| How to complete this task |
Keep every line of the data below that has the string "ezdxf" and present those lines.

| Material provided |
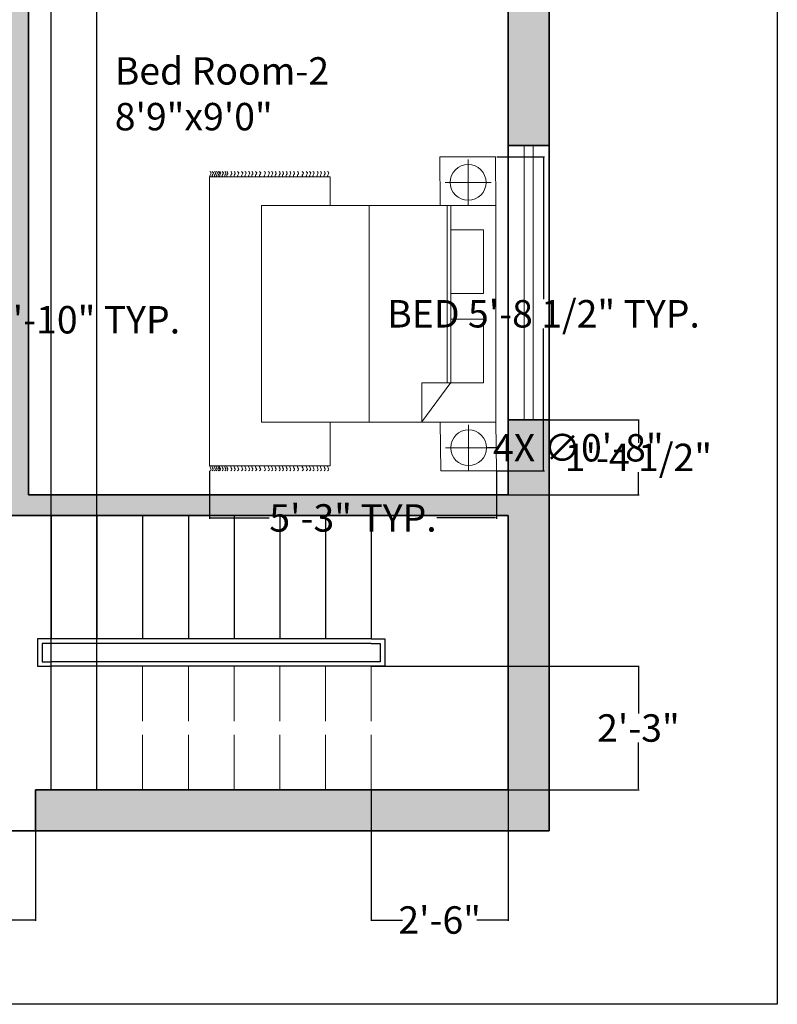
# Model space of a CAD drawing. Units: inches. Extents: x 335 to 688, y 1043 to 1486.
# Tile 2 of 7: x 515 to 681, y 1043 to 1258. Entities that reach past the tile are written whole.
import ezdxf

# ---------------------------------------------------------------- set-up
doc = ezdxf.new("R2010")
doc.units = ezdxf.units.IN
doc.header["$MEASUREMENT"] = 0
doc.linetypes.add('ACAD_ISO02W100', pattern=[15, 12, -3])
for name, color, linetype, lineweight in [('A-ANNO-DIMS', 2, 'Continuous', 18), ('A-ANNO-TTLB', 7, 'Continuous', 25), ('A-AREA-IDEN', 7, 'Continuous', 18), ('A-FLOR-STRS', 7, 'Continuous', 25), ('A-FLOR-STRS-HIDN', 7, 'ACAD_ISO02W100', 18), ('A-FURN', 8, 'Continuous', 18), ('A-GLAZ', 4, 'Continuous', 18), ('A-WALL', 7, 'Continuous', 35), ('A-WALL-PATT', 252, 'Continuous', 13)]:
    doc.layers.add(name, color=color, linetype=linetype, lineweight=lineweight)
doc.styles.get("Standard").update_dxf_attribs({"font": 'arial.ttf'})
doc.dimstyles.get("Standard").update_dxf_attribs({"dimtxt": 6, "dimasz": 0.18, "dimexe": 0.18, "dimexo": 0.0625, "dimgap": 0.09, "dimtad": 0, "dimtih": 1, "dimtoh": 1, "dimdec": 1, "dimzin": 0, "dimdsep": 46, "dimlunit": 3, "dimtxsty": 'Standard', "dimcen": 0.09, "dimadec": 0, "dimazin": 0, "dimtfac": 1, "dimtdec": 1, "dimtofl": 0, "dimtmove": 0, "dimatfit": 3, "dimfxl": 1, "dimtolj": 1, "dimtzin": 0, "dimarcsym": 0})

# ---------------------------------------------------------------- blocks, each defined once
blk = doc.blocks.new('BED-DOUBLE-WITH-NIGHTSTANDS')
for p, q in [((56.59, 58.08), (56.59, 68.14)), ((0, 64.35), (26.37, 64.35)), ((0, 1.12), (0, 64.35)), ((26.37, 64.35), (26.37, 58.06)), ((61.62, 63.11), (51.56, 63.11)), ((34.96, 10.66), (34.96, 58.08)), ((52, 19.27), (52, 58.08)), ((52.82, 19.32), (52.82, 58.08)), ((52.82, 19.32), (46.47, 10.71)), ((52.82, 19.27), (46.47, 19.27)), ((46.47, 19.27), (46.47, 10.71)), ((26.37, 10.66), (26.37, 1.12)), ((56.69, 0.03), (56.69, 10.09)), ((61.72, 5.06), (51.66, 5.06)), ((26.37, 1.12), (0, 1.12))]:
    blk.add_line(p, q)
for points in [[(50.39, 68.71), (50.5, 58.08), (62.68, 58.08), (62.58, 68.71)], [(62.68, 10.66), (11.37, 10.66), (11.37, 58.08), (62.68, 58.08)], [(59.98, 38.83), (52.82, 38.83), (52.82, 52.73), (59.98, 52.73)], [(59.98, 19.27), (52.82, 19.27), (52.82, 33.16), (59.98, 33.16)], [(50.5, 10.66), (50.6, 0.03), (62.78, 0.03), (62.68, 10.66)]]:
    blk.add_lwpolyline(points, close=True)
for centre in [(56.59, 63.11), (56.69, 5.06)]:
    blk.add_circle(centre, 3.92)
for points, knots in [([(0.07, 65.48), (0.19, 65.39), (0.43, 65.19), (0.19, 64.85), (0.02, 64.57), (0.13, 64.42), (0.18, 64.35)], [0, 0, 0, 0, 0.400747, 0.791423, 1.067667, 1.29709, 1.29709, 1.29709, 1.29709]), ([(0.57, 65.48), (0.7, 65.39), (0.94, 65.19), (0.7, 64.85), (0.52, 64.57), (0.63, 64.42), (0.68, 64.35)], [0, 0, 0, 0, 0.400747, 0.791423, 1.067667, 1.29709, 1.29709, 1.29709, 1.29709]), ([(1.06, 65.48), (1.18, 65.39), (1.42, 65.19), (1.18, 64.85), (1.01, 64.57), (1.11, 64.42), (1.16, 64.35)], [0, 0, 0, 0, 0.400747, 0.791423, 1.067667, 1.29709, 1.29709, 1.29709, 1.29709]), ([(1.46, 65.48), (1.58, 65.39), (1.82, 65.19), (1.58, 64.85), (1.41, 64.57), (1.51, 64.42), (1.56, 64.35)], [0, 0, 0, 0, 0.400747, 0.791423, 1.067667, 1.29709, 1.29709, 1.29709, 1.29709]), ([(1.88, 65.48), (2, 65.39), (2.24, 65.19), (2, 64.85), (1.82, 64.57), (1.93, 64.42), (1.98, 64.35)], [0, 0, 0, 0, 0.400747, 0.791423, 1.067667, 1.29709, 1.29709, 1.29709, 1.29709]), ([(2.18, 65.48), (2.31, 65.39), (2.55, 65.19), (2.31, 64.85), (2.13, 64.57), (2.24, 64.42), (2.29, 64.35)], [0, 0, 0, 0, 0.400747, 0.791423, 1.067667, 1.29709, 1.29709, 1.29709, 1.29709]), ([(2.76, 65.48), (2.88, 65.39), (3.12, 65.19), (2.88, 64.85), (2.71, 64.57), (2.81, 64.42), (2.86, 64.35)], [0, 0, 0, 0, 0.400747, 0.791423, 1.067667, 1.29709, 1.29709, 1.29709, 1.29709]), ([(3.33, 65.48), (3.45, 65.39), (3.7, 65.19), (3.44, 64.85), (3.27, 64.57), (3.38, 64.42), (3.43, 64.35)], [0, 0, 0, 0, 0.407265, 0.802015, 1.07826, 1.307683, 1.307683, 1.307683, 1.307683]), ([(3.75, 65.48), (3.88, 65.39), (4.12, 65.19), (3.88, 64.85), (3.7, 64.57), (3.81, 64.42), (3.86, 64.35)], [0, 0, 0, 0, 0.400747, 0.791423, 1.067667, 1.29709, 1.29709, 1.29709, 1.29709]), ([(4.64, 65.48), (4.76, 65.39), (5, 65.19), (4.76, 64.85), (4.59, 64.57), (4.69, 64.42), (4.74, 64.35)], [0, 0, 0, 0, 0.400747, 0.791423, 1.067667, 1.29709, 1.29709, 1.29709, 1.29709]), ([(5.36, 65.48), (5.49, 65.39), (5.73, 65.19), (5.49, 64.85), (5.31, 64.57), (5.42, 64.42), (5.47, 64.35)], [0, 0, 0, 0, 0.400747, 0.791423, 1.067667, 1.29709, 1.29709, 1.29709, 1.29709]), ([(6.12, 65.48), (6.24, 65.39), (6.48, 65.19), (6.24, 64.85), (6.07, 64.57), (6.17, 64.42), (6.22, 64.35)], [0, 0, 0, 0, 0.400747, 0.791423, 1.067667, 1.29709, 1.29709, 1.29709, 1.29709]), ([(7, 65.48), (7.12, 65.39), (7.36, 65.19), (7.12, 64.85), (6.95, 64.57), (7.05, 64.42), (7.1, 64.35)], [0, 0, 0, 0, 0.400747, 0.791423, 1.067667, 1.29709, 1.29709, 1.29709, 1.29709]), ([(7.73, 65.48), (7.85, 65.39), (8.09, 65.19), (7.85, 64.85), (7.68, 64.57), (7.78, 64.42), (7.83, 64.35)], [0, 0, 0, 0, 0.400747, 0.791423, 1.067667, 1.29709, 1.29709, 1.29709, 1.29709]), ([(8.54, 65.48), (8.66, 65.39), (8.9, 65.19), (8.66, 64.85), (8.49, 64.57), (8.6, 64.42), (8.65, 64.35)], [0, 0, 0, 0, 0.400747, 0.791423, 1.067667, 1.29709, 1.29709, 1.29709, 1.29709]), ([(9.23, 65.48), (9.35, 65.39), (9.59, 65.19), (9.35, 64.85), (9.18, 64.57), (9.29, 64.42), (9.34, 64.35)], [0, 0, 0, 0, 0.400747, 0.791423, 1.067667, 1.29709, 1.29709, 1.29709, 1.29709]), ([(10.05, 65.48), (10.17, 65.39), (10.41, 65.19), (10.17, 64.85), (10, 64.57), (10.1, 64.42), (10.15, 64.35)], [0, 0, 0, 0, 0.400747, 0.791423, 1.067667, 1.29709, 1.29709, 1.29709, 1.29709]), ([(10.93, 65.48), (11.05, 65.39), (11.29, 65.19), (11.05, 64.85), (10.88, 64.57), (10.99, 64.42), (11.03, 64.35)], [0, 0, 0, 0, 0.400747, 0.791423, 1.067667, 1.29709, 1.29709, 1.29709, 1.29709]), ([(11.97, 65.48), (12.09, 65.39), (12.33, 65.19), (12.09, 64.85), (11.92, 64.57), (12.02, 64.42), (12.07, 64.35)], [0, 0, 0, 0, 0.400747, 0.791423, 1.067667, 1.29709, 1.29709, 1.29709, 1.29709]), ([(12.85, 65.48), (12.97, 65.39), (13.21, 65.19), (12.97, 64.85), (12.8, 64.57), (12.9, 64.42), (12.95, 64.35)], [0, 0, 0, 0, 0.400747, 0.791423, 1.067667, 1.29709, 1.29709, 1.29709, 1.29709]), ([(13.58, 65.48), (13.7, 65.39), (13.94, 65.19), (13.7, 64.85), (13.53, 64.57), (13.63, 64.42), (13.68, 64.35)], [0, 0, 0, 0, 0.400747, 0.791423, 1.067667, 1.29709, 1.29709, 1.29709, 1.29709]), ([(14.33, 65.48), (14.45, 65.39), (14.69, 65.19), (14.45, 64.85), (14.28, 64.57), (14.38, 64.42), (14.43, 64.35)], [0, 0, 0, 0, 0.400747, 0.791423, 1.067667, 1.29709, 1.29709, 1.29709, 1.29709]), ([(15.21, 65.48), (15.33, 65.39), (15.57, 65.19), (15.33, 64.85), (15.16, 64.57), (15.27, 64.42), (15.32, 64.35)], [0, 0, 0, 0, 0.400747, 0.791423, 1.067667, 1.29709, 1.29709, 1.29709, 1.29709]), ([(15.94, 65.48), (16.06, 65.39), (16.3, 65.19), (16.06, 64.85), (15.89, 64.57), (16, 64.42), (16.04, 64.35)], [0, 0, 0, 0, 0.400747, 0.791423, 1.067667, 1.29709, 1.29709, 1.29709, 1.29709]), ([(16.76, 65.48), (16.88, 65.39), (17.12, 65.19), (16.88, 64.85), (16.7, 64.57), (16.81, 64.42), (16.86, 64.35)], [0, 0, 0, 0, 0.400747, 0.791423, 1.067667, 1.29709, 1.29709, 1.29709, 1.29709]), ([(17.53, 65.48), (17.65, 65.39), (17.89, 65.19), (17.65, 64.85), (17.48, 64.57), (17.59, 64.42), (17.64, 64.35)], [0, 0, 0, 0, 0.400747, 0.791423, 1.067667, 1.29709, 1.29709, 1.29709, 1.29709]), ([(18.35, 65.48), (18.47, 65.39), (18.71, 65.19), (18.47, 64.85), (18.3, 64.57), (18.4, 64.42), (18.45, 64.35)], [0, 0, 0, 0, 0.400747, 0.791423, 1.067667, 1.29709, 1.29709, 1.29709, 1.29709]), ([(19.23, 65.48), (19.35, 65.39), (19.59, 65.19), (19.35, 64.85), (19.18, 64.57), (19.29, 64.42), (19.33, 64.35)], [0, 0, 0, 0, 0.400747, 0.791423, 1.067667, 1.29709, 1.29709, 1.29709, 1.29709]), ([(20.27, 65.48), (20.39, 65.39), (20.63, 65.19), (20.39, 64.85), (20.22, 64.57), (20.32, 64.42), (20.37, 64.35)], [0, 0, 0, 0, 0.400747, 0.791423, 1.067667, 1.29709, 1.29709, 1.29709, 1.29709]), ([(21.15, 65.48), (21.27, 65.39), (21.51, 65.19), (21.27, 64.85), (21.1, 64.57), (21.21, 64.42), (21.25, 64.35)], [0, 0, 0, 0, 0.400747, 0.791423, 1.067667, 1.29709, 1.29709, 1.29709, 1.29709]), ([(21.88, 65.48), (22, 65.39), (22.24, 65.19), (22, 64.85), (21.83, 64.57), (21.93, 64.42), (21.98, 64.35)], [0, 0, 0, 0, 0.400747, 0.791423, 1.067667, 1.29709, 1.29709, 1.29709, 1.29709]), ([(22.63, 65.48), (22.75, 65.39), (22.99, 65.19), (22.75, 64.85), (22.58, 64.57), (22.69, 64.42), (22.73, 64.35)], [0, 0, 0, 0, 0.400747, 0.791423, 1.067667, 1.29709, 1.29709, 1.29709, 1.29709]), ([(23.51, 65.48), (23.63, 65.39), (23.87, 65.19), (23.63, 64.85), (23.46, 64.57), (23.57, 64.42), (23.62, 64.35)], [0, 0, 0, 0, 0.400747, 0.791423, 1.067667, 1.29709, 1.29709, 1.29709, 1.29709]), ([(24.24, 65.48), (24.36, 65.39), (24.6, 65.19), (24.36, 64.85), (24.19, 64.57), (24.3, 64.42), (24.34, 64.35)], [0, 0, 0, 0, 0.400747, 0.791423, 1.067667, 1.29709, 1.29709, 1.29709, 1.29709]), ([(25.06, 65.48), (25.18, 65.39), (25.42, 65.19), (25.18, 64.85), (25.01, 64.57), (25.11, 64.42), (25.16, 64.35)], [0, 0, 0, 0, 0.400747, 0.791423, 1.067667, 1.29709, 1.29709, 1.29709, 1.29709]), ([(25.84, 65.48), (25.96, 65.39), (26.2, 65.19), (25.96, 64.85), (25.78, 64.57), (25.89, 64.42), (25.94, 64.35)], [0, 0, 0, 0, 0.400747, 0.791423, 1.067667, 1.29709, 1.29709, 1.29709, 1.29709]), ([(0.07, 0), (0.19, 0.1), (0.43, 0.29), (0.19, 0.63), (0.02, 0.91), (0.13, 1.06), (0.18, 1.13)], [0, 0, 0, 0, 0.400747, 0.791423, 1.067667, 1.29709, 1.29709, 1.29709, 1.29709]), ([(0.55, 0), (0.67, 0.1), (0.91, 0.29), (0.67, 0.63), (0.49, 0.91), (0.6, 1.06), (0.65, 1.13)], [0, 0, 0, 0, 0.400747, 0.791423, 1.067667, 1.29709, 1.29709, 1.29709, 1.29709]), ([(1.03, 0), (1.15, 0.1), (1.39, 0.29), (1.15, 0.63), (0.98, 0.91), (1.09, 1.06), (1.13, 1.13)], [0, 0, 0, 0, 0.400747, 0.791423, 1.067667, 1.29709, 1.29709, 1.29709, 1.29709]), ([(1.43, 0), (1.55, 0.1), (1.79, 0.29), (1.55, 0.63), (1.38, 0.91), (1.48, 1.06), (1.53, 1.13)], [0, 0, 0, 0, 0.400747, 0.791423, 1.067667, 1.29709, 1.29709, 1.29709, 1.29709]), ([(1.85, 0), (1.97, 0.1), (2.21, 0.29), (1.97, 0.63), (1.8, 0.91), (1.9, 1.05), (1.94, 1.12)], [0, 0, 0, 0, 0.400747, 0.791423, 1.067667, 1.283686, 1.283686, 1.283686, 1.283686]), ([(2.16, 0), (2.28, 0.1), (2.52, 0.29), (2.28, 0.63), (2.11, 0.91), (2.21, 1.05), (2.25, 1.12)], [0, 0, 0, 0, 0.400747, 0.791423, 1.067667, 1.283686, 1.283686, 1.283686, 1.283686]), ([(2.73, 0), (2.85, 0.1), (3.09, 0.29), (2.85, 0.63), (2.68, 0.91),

| Solved problem |
import ezdxf
doc = ezdxf.new("R2010")
doc.units = ezdxf.units.IN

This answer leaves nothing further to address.